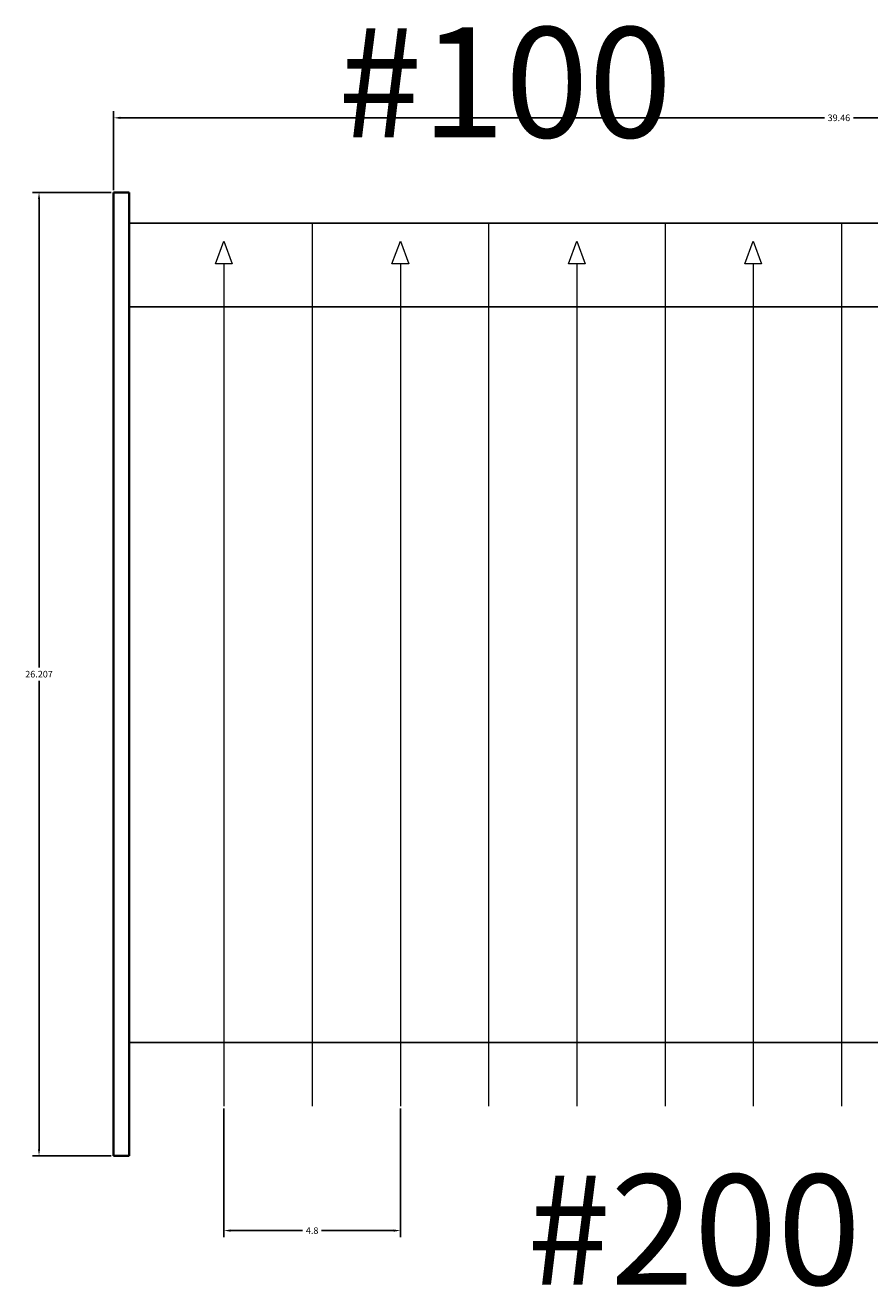
# Model space of a CAD drawing. Units: inches. Extents: x 756 to 915, y 488 to 695.
# Tile 15 of 25: x 768 to 791, y 626 to 660. Entities that reach past the tile are written whole.
import ezdxf

# ---------------------------------------------------------------- set-up
doc = ezdxf.new("R2010")
doc.units = ezdxf.units.IN
doc.header["$MEASUREMENT"] = 0
for name, color, linetype, lineweight in [('L-ANNO-TEXT', 7, 'Continuous', 25), ('L-FENC-PCKT', 7, 'Continuous', 18), ('L-FENC-POST', 7, 'Continuous', 35), ('L-FENC-RAIL', 7, 'Continuous', 25), ('M-DIMS', 2, 'Continuous', 18)]:
    doc.layers.add(name, color=color, linetype=linetype, lineweight=lineweight)
doc.styles.get("Standard").update_dxf_attribs({"font": 'arial.ttf'})
doc.dimstyles.get("Standard").update_dxf_attribs({"dimtxt": 0.18, "dimasz": 0.18, "dimexe": 0.18, "dimexo": 0.0625, "dimgap": 0.09, "dimtad": 0, "dimtih": 1, "dimtoh": 1, "dimdec": 0, "dimzin": 0, "dimdsep": 46, "dimlunit": 3, "dimtxsty": 'Standard', "dimcen": 0.09, "dimadec": 0, "dimazin": 0, "dimtfac": 1, "dimtdec": 0, "dimtofl": 0, "dimtmove": 0, "dimatfit": 3, "dimfxl": 1, "dimtolj": 1, "dimtzin": 0, "dimarcsym": 0})

# ---------------------------------------------------------------- blocks, each defined once
blk = doc.blocks.new('FENCE-POST-LEFT')
for p, q in [((0, 26.207), (0, 0)), ((0, 26.207), (0.426, 26.207)), ((0.426, 26.207), (0.426, 0)), ((0.426, 26.207), (0.426, 0)), ((0, 0), (0.426, 0))]:
    blk.add_line(p, q)
blk = doc.blocks.new('PICKET-SPEAR-LOW')
blk.add_line((0.228, 22.916), (0.228, 0))
blk.add_lwpolyline([(0.228, 22.916), (0, 22.916), (0.228, 23.528), (0.455, 22.916)], close=True)
blk = doc.blocks.new('*D32')
at = {"layer": 'Defpoints', "color": 0, "transparency": 16777216}
for p in [(809.674, 657.541), (770.216, 655.511), (809.674, 655.511)]:
    blk.add_point(p, dxfattribs=at)
at = {"layer": 'M-DIMS', "color": 0, "lineweight": -2, "transparency": 16777216}
for p, q in [((770.216, 655.574), (770.216, 657.721)), ((770.396, 657.541), (789.551, 657.541)), ((809.494, 657.541), (790.338, 657.541)), ((809.674, 655.574), (809.674, 657.721))]:
    blk.add_line(p, q, dxfattribs=at)
at = {"layer": 'M-DIMS', "color": 0, "transparency": 16777216}
for points in [[(770.396, 657.571), (770.396, 657.511), (770.216, 657.541)], [(809.494, 657.571), (809.494, 657.511), (809.674, 657.541)]]:
    blk.add_solid(points, dxfattribs=at)
at = {"layer": 'M-DIMS', "color": 0, "transparency": 16777216, "insert": (789.945, 657.541), "char_height": 0.18, "attachment_point": 5}
blk.add_mtext('\\A1;39.46', dxfattribs=at)
blk = doc.blocks.new('*D33')
at = {"layer": 'Defpoints', "color": 0, "transparency": 16777216}
for p in [(768.186, 655.511), (770.216, 655.511), (770.216, 629.304)]:
    blk.add_point(p, dxfattribs=at)
at = {"layer": 'M-DIMS', "color": 0, "lineweight": -2, "transparency": 16777216}
for p, q in [((770.153, 655.511), (768.006, 655.511)), ((768.186, 655.331), (768.186, 642.59)), ((768.186, 629.484), (768.186, 642.226)), ((770.153, 629.304), (768.006, 629.304))]:
    blk.add_line(p, q, dxfattribs=at)
at = {"layer": 'M-DIMS', "color": 0, "transparency": 16777216}
for points in [[(768.156, 655.331), (768.216, 655.331), (768.186, 655.511)], [(768.156, 629.484), (768.216, 629.484), (768.186, 629.304)]]:
    blk.add_solid(points, dxfattribs=at)
at = {"layer": 'M-DIMS', "color": 0, "transparency": 16777216, "insert": (768.186, 642.408), "char_height": 0.18, "attachment_point": 5}
blk.add_mtext('\\A1;26.207', dxfattribs=at)
blk = doc.blocks.new('*D34')
at = {"layer": 'Defpoints', "color": 0, "transparency": 16777216}
for p in [(773.215, 630.654), (778.015, 630.654), (778.015, 627.274)]:
    blk.add_point(p, dxfattribs=at)
at = {"layer": 'M-DIMS', "color": 0, "lineweight": -2, "transparency": 16777216}
for p, q in [((773.215, 630.591), (773.215, 627.094)), ((778.015, 630.591), (778.015, 627.094)), ((773.395, 627.274), (775.357, 627.274)), ((777.835, 627.274), (775.872, 627.274))]:
    blk.add_line(p, q, dxfattribs=at)
at = {"layer": 'M-DIMS', "color": 0, "transparency": 16777216}
for points in [[(773.395, 627.304), (773.395, 627.244), (773.215, 627.274)], [(777.835, 627.304), (777.835, 627.244), (778.015, 627.274)]]:
    blk.add_solid(points, dxfattribs=at)
at = {"layer": 'M-DIMS', "color": 0, "transparency": 16777216, "insert": (775.615, 627.274), "char_height": 0.18, "attachment_point": 5}
blk.add_mtext('\\A1;4.8', dxfattribs=at)

msp = doc.modelspace()

# ---------------------------------------------------------------- linework, layer by layer
at = {"layer": 'L-FENC-PCKT'}
for p, q in [((775.6147, 654.6726), (775.6147, 630.6539)), ((780.4145, 654.6726), (780.4145, 630.6539)), ((785.2143, 654.6726), (785.2143, 630.6539)), ((790.0141, 654.6726), (790.0141, 630.6539))]:
    msp.add_line(p, q, dxfattribs=at)
at = {"layer": 'L-FENC-RAIL'}
for p, q in [((770.6423, 654.6726), (809.2471, 654.6726)), ((770.6423, 652.3962), (809.2471, 652.3962)), ((770.6423, 632.386), (809.2471, 632.386))]:
    msp.add_line(p, q, dxfattribs=at)

# ---------------------------------------------------------------- block references
at = {"layer": 'L-FENC-PCKT'}
for p in [(772.987, 630.6543), (777.7868, 630.6543), (782.5866, 630.6543), (787.3865, 630.6543)]:
    msp.add_blockref('PICKET-SPEAR-LOW', p, dxfattribs=at)
at = {"layer": 'L-FENC-POST'}
msp.add_blockref('FENCE-POST-LEFT', (770.216, 629.3043), dxfattribs=at)

# ---------------------------------------------------------------- texts
at = {"layer": 'L-ANNO-TEXT'}
for s, p in [('#100', (776.3182, 657.006)), ('#200', (781.4569, 625.7989))]:
    msp.add_text(s, height=3, dxfattribs=at).set_placement(p)

# ---------------------------------------------------------------- dimensions: what is measured, and where the dimension line sits
at = {"layer": 'M-DIMS'}
for base, p1, p2, override, picture, middle in [((809.6738, 657.5412), (770.2156, 655.5112), (809.6738, 655.5112), {"dimdec": 2, "dimlfac": 1, "dimrnd": 0, "dimzin": 0, "dimdsep": 46, "dimlunit": 2}, '*D32', (789.9447, 657.5412)), ((778.0146, 627.2744), (773.2147, 630.6539), (778.0146, 630.6539), {"dimdec": 1, "dimlfac": 1, "dimrnd": 0, "dimzin": 0, "dimdsep": 46, "dimlunit": 2}, '*D34', (775.6147, 627.2744))]:
    dim = msp.add_linear_dim(base=base, p1=p1, p2=p2, dimstyle='Standard', override=override, dxfattribs=at)
    dim.commit()
    dim.dimension.update_dxf_attribs({"geometry": picture, "text_midpoint": middle})
dim = msp.add_linear_dim(base=(768.1856, 655.5112), p1=(770.2156, 629.3044), p2=(770.2156, 655.5112), angle=90, dimstyle='Standard', override={"dimdec": 3, "dimlfac": 1, "dimrnd": 0, "dimzin": 0, "dimdsep": 46, "dimlunit": 2}, dxfattribs=at)
dim.commit()
dim.dimension.update_dxf_attribs({"geometry": '*D33', "text_midpoint": (768.1856, 642.4078)})

doc.saveas('drawing.dxf')
-------
Only exact lines belong in the answer: those from the beginning of the entries above through the line holding "blk = doc.blocks.new('PICKET-SPEAR-LOW')", with no pictures.

# Model space of a CAD drawing. Units: inches. Extents: x 756 to 915, y 488 to 695.
# Tile 15 of 25: x 768 to 791, y 626 to 660. Entities that reach past the tile are written whole.
import ezdxf

# ---------------------------------------------------------------- set-up
doc = ezdxf.new("R2010")
doc.units = ezdxf.units.IN
doc.header["$MEASUREMENT"] = 0
for name, color, linetype, lineweight in [('L-ANNO-TEXT', 7, 'Continuous', 25), ('L-FENC-PCKT', 7, 'Continuous', 18), ('L-FENC-POST', 7, 'Continuous', 35), ('L-FENC-RAIL', 7, 'Continuous', 25), ('M-DIMS', 2, 'Continuous', 18)]:
    doc.layers.add(name, color=color, linetype=linetype, lineweight=lineweight)
doc.styles.get("Standard").update_dxf_attribs({"font": 'arial.ttf'})
doc.dimstyles.get("Standard").update_dxf_attribs({"dimtxt": 0.18, "dimasz": 0.18, "dimexe": 0.18, "dimexo": 0.0625, "dimgap": 0.09, "dimtad": 0, "dimtih": 1, "dimtoh": 1, "dimdec": 0, "dimzin": 0, "dimdsep": 46, "dimlunit": 3, "dimtxsty": 'Standard', "dimcen": 0.09, "dimadec": 0, "dimazin": 0, "dimtfac": 1, "dimtdec": 0, "dimtofl": 0, "dimtmove": 0, "dimatfit": 3, "dimfxl": 1, "dimtolj": 1, "dimtzin": 0, "dimarcsym": 0})

# ---------------------------------------------------------------- blocks, each defined once
blk = doc.blocks.new('FENCE-POST-LEFT')
for p, q in [((0, 26.207), (0, 0)), ((0, 26.207), (0.426, 26.207)), ((0.426, 26.207), (0.426, 0)), ((0.426, 26.207), (0.426, 0)), ((0, 0), (0.426, 0))]:
    blk.add_line(p, q)
blk = doc.blocks.new('PICKET-SPEAR-LOW')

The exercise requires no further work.